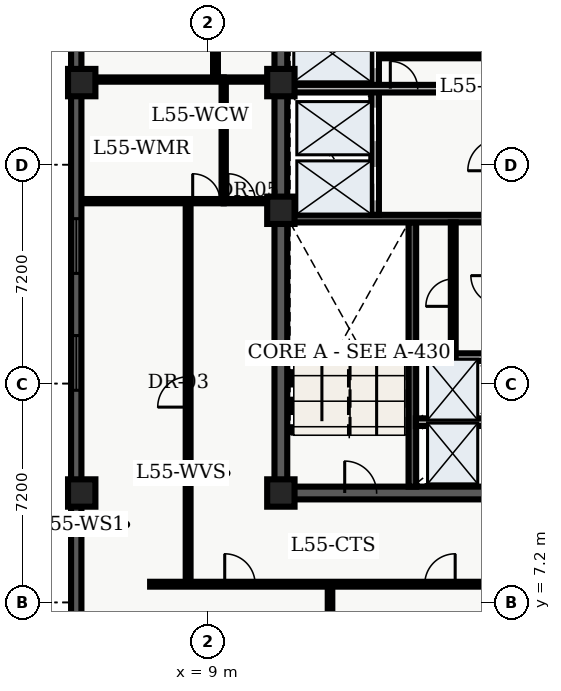
"""IFC4 building model, lengths in metres.
Left out: names, types, materials, properties, quantities, classifications, styles, units other than length and angle.
Written with IfcOpenShell. Run it as: python <this file> out.ifc"""

import sys

from ifc_helpers import new_model, entity, si_unit, converted_unit, direction, frame, origin_with_axes, origin_2d_with_axis, place, context, subcontext, project, spatial, polyline, rectangle, outline, extrude, element, fill, save


model = new_model("IFC4")
c1 = context("Model", 3, precision=1e-05, world=origin_with_axes(), true_north=direction((0.0, 1.0)))
c2 = subcontext(c1, "Body", "Model", "MODEL_VIEW")
j1 = project(units=[si_unit("LENGTHUNIT", "METRE"), converted_unit("PLANEANGLEUNIT", "DEGREE", entity("IfcPlaneAngleMeasure", 0.017), si_unit("PLANEANGLEUNIT", "RADIAN"), dimensions=[0, 0, 0, 0, 0, 0, 0])], contexts=[c1])
p1 = place(None, origin_with_axes())
s1 = spatial("IfcSite", under=j1, at=p1, CompositionType="ELEMENT")
p2 = place(p1, origin_with_axes())
s2 = spatial("IfcBuilding", under=s1, at=p2, CompositionType="ELEMENT")
p3 = place(p2, frame((0.0, 0.0, 224.7), z_axis=(0.0, 0.0, 1.0), x_axis=(1.0, 0.0, 0.0)))
s3 = spatial("IfcBuildingStorey", under=s2, at=p3, CompositionType="ELEMENT", Elevation=224.7)
p4 = place(p3, frame((11.4, 10.8, 0.0), z_axis=(0.0, 0.0, 1.0), x_axis=(0.0, 1.0, 0.0)))
e1 = element("IfcWall", 1, at=p4, inside=s3, PredefinedType="SHEAR", context=c2, shape_type="SweptSolid", body=[
    extrude(outline(polyline([(0.0, -0.21), (27.0, -0.21), (27.0, 0.21), (0.0, 0.21), (0.0, -0.21)])), origin_with_axes(), (0.0, 0.0, 1.0), 3.66),
])
p5 = place(p3, frame((11.4, 10.8, 0.0), z_axis=(0.0, 0.0, 1.0), x_axis=(1.0, 0.0, 0.0)))
e2 = element("IfcWall", 2, at=p5, inside=s3, PredefinedType="SHEAR", context=c2, shape_type="SweptSolid", body=[
    extrude(outline(polyline([(0.0, -0.21), (7.2, -0.21), (7.2, 0.21), (0.0, 0.21), (0.0, -0.21)])), origin_with_axes(), (0.0, 0.0, 1.0), 3.66),
])
p6 = place(p5, frame((2.625, 0.0, 0.0), z_axis=(0.0, 0.0, 1.0), x_axis=(1.0, 0.0, 0.0)))
e3 = element("IfcOpeningElement", 3, at=p6, cuts=e2, PredefinedType="OPENING", context=c2, shape_type="SweptSolid", body=[
    extrude(rectangle(XDim=1.05, YDim=0.44, at=origin_2d_with_axis()), origin_with_axes(), (0.0, 0.0, 1.0), 2.15),
])
p7 = place(p3, frame((15.725, 11.01, 0.0), z_axis=(0.0, 0.0, 1.0), x_axis=(0.0, 1.0, 0.0)))
e4 = element("IfcWall", 4, at=p7, inside=s3, PredefinedType="SHEAR", context=c2, shape_type="SweptSolid", body=[
    extrude(outline(polyline([(0.0, -0.125), (8.69, -0.125), (8.69, 0.125), (0.0, 0.125), (0.0, -0.125)])), origin_with_axes(), (0.0, 0.0, 1.0), 3.66),
])
p8 = place(p3, frame((11.61, 19.825, 0.0), z_axis=(0.0, 0.0, 1.0), x_axis=(1.0, 0.0, 0.0)))
e5 = element("IfcWall", 5, at=p8, inside=s3, PredefinedType="SHEAR", context=c2, shape_type="SweptSolid", body=[
    extrude(outline(polyline([(0.0, -0.125), (6.78, -0.125), (6.78, 0.125), (0.0, 0.125), (0.0, -0.125)])), origin_with_axes(), (0.0, 0.0, 1.0), 3.66),
])
p9 = place(p3, frame((14.5, 19.95, 0.0), z_axis=(0.0, 0.0, 1.0), x_axis=(0.0, 1.0, 0.0)))
e6 = element("IfcWall", 6, at=p9, inside=s3, PredefinedType="SOLIDWALL", context=c2, shape_type="SweptSolid", body=[
    extrude(outline(polyline([(0.0, -0.125), (6.25, -0.125), (6.25, 0.125), (0.0, 0.125), (0.0, -0.125)])), origin_with_axes(), (0.0, 0.0, 1.0), 2.7),
])
p10 = place(p9, frame((1.025, 0.0, 0.0), z_axis=(0.0, 0.0, 1.0), x_axis=(1.0, 0.0, 0.0)))
e7 = element("IfcOpeningElement", 7, at=p10, cuts=e6, PredefinedType="OPENING", context=c2, shape_type="SweptSolid", body=[
    extrude(rectangle(XDim=1.1, YDim=0.27, at=origin_2d_with_axis()), origin_with_axes(), (0.0, 0.0, 1.0), 2.15),
])
p11 = place(p9, frame((2.975, 0.0, 0.0), z_axis=(0.0, 0.0, 1.0), x_axis=(1.0, 0.0, 0.0)))
e8 = element("IfcOpeningElement", 8, at=p11, cuts=e6, PredefinedType="OPENING", context=c2, shape_type="SweptSolid", body=[
    extrude(rectangle(XDim=1.1, YDim=0.27, at=origin_2d_with_axis()), origin_with_axes(), (0.0, 0.0, 1.0), 2.15),
])
p12 = place(p9, frame((5.425, 0.0, 0.0), z_axis=(0.0, 0.0, 1.0), x_axis=(1.0, 0.0, 0.0)))
e9 = element("IfcOpeningElement", 9, at=p12, cuts=e6, PredefinedType="OPENING", context=c2, shape_type="SweptSolid", body=[
    extrude(rectangle(XDim=1.2, YDim=0.27, at=origin_2d_with_axis()), origin_with_axes(), (0.0, 0.0, 1.0), 2.15),
])
p13 = place(p3, frame((11.7, 24.1, 0.0), z_axis=(0.0, 0.0, 1.0), x_axis=(1.0, 0.0, 0.0)))
e10 = element("IfcWall", 10, at=p13, inside=s3, PredefinedType="SOLIDWALL", context=c2, shape_type="SweptSolid", body=[
    extrude(outline(polyline([(0.0, -0.125), (6.6, -0.125), (6.6, 0.125), (0.0, 0.125), (0.0, -0.125)])), origin_with_axes(), (0.0, 0.0, 1.0), 2.7),
])
p14 = place(p13, frame((3.75, 0.0, 0.0), z_axis=(0.0, 0.0, 1.0), x_axis=(1.0, 0.0, 0.0)))
e11 = element("IfcOpeningElement", 11, at=p14, cuts=e10, PredefinedType="OPENING", context=c2, shape_type="SweptSolid", body=[
    extrude(rectangle(XDim=0.9, YDim=0.27, at=origin_2d_with_axis()), origin_with_axes(), (0.0, 0.0, 1.0), 2.15),
])
for number, where, z_axis, x_axis in (
    (12, (11.4, 10.8, 0.0), (0.0, 0.0, 1.0), (1.0, 0.0, 0.0)),
    (13, (11.4, 20.1, 0.0), (0.0, 0.0, 1.0), (1.0, 0.0, 0.0)),
    (14, (11.4, 24.3, 0.0), (0.0, 0.0, 1.0), (1.0, 0.0, 0.0)),
    (15, (4.85, 10.8, 0.0), (0.0, 0.0, 1.0), (1.0, 0.0, 0.0)),
    (16, (4.85, 24.3, 0.0), (0.0, 0.0, 1.0), (1.0, 0.0, 0.0)),
):
    element("IfcColumn", number, at=place(p3, frame(where, z_axis=z_axis, x_axis=x_axis)), inside=s3, PredefinedType="COLUMN", context=c2, shape_type="SweptSolid", body=[
        extrude(rectangle(XDim=0.9, YDim=0.9, at=origin_2d_with_axis()), origin_with_axes(), (0.0, 0.0, 1.0), 3.9),
    ])
p15 = place(p3, frame((14.62, 25.18, 0.0), z_axis=(0.0, 0.0, 1.0), x_axis=(1.0, 0.0, 0.0)))
e17 = element("IfcWall", 17, at=p15, inside=s3, PredefinedType="PARTITIONING", context=c2, shape_type="SweptSolid", body=[
    extrude(outline(polyline([(0.0, -0.08), (3.68, -0.08), (3.68, 0.08), (0.0, 0.08), (0.0, -0.08)])), origin_with_axes(), (0.0, 0.0, 1.0), 2.7),
])
p16 = place(p15, frame((1.95, 0.0, 0.0), z_axis=(0.0, 0.0, 1.0), x_axis=(1.0, 0.0, 0.0)))
e18 = element("IfcOpeningElement", 18, at=p16, cuts=e17, PredefinedType="OPENING", context=c2, shape_type="SweptSolid", body=[
    extrude(rectangle(XDim=0.9, YDim=0.18, at=origin_2d_with_axis()), origin_with_axes(), (0.0, 0.0, 1.0), 2.15),
])
for number, where, z_axis, x_axis in (
    (19, (15.84, 13.13, 0.0), (0.0, 0.0, 1.0), (1.0, 0.0, 0.0)),
    (20, (15.84, 15.27, 0.0), (0.0, 0.0, 1.0), (1.0, 0.0, 0.0)),
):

> What you are asked to do:
From the very first line of the listing above through the line that holds "world=origin_with_axes(), true_north=direction((0.0, 1.0)))", write out each line exactly as it stands, leaving pictures out.

> Exercise response:
"""IFC4 building model, lengths in metres.
Left out: names, types, materials, properties, quantities, classifications, styles, units other than length and angle.
Written with IfcOpenShell. Run it as: python <this file> out.ifc"""

import sys

from ifc_helpers import new_model, entity, si_unit, converted_unit, direction, frame, origin_with_axes, origin_2d_with_axis, place, context, subcontext, project, spatial, polyline, rectangle, outline, extrude, element, fill, save


model = new_model("IFC4")
c1 = context("Model", 3, precision=1e-05, world=origin_with_axes(), true_north=direction((0.0, 1.0)))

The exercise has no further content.